#### Directions for this task
Once the line with "fill(e17, e20)" is found, return it along with every line after it, exactly, through the end of the material.

#### Records for this exercise
......

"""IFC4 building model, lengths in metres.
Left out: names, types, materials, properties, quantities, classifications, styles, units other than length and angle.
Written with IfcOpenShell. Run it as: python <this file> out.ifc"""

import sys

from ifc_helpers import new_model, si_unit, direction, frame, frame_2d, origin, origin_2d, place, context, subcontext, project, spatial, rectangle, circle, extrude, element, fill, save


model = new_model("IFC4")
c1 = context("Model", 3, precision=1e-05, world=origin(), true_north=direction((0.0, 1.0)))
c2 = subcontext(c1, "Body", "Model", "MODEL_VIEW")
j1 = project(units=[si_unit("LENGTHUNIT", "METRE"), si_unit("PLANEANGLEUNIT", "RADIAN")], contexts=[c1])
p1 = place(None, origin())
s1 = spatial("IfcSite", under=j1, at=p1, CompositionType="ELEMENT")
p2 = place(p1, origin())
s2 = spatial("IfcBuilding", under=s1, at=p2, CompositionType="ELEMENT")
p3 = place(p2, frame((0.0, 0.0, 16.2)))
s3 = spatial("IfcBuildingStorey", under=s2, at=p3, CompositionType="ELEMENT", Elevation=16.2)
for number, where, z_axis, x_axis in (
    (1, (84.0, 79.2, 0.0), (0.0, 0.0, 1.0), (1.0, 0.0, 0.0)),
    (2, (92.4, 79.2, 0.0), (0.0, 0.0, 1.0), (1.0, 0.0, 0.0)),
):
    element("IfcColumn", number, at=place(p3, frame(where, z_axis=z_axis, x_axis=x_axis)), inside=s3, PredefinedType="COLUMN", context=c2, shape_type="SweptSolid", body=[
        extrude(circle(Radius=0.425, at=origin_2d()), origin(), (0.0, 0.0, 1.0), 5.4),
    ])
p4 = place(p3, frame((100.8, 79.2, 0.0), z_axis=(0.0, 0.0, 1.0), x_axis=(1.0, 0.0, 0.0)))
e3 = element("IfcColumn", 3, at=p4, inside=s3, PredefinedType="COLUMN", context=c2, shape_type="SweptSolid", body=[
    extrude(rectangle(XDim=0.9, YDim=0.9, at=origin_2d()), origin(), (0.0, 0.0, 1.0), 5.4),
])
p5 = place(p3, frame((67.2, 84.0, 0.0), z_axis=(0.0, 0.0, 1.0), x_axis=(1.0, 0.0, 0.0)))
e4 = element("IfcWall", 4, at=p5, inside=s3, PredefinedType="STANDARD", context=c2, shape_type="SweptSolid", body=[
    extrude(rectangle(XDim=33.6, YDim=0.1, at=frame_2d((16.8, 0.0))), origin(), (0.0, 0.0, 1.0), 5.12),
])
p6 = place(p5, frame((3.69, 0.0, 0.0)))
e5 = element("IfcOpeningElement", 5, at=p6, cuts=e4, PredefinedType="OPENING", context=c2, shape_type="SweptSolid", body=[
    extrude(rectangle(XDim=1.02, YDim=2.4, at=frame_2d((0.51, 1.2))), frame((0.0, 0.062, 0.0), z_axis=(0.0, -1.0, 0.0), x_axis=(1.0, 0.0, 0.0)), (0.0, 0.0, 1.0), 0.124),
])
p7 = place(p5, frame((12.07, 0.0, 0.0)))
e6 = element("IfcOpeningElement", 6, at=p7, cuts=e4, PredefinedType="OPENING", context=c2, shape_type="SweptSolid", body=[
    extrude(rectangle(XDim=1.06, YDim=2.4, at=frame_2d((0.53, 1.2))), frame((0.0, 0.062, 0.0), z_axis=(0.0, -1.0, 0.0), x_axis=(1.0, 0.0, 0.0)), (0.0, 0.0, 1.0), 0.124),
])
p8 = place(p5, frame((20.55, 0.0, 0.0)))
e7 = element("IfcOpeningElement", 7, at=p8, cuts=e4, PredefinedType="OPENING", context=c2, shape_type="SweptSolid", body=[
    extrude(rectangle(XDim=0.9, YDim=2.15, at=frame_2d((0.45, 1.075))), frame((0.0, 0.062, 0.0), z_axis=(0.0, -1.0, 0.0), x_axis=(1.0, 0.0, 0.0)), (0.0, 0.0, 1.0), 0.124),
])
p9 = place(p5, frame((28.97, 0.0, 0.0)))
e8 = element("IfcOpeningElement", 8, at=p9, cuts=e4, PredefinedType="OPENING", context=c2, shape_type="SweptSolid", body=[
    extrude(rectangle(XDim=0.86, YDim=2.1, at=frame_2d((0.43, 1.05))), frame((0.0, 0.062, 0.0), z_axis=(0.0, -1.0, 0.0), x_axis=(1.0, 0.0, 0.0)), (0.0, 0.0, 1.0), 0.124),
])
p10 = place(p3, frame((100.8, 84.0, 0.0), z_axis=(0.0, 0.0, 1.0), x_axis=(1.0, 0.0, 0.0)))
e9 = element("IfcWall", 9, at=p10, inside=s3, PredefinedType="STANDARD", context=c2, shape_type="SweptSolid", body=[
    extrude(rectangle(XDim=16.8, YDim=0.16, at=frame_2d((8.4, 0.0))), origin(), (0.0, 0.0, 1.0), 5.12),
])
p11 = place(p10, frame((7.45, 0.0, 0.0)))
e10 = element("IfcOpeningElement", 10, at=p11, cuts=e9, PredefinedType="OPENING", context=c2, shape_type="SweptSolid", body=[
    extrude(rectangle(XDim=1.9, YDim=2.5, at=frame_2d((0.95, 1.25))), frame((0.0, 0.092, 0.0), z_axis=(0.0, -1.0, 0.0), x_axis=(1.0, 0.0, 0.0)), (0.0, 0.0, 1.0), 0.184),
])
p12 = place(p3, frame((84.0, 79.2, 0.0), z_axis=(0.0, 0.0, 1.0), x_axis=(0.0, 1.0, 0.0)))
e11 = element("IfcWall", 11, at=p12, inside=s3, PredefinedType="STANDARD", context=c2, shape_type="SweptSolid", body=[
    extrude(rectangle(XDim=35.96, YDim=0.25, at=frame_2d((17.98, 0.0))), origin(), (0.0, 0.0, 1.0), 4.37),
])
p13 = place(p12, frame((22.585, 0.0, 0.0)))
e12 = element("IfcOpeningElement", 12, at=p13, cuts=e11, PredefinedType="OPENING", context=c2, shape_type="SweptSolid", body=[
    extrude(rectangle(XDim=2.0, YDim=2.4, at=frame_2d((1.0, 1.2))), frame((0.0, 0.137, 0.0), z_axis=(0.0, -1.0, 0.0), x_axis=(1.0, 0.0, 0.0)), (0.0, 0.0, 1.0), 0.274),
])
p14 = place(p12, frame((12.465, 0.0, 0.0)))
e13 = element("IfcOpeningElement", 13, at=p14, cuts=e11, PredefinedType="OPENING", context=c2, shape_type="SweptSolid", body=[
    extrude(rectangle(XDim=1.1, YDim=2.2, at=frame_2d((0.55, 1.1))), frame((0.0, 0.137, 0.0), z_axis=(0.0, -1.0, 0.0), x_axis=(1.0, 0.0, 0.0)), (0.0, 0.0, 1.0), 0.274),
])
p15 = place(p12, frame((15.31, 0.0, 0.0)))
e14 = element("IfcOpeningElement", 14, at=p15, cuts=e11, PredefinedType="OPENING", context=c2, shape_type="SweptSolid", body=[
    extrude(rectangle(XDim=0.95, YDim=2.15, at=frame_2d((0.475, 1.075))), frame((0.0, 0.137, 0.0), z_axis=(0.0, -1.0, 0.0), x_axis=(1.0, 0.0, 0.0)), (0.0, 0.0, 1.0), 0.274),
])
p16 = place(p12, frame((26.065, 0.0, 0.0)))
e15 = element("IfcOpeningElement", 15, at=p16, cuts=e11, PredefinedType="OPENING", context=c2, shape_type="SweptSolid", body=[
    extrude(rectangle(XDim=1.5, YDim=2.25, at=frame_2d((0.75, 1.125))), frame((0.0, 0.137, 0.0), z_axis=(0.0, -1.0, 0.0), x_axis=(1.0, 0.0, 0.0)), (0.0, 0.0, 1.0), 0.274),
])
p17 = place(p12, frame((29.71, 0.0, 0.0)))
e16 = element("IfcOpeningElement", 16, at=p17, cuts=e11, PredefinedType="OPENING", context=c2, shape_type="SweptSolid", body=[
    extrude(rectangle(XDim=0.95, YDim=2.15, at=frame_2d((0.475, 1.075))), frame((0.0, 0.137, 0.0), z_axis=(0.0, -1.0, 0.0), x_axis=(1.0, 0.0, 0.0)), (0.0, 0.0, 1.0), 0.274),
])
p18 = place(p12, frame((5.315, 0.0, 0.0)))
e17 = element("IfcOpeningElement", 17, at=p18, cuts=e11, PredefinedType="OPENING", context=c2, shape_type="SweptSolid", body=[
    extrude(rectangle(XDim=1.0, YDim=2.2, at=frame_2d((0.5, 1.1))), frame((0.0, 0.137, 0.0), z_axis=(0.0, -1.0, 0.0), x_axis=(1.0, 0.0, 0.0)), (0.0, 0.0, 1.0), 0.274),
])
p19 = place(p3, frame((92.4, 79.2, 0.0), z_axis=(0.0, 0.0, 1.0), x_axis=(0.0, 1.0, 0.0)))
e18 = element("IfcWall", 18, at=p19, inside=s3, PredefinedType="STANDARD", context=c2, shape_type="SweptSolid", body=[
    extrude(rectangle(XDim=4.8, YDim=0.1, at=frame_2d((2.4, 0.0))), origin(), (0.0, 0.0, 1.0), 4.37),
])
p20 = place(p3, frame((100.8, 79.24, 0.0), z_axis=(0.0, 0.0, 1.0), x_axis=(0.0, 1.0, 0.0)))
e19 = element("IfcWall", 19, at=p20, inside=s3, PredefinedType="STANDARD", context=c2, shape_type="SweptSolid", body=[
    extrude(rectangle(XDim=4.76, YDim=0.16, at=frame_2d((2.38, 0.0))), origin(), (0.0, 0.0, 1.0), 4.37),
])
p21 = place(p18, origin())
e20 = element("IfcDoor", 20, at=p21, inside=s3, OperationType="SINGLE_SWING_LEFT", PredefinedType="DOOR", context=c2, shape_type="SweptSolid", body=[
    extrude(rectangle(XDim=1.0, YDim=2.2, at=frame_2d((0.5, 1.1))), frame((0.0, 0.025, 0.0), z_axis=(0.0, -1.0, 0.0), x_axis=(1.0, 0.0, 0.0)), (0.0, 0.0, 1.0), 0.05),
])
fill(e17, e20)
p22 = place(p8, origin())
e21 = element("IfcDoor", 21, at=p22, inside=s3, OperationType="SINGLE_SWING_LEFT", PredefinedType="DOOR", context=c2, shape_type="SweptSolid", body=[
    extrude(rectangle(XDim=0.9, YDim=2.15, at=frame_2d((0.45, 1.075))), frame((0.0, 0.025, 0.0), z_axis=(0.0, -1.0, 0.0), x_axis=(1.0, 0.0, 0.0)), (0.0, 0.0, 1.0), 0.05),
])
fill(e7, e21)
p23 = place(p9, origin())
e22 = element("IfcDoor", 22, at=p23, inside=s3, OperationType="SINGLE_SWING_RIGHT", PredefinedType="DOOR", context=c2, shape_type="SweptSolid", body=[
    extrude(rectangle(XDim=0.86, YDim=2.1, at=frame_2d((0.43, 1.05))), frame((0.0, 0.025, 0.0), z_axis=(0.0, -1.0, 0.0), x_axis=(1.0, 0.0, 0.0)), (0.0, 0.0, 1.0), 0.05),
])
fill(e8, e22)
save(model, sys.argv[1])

......

#### Solution for this task
fill(e17, e20)
p22 = place(p8, origin())
e21 = element("IfcDoor", 21, at=p22, inside=s3, OperationType="SINGLE_SWING_LEFT", PredefinedType="DOOR", context=c2, shape_type="SweptSolid", body=[
    extrude(rectangle(XDim=0.9, YDim=2.15, at=frame_2d((0.45, 1.075))), frame((0.0, 0.025, 0.0), z_axis=(0.0, -1.0, 0.0), x_axis=(1.0, 0.0, 0.0)), (0.0, 0.0, 1.0), 0.05),
])
fill(e7, e21)
p23 = place(p9, origin())
e22 = element("IfcDoor", 22, at=p23, inside=s3, OperationType="SINGLE_SWING_RIGHT", PredefinedType="DOOR", context=c2, shape_type="SweptSolid", body=[
    extrude(rectangle(XDim=0.86, YDim=2.1, at=frame_2d((0.43, 1.05))), frame((0.0, 0.025, 0.0), z_axis=(0.0, -1.0, 0.0), x_axis=(1.0, 0.0, 0.0)), (0.0, 0.0, 1.0), 0.05),
])
fill(e8, e22)
save(model, sys.argv[1])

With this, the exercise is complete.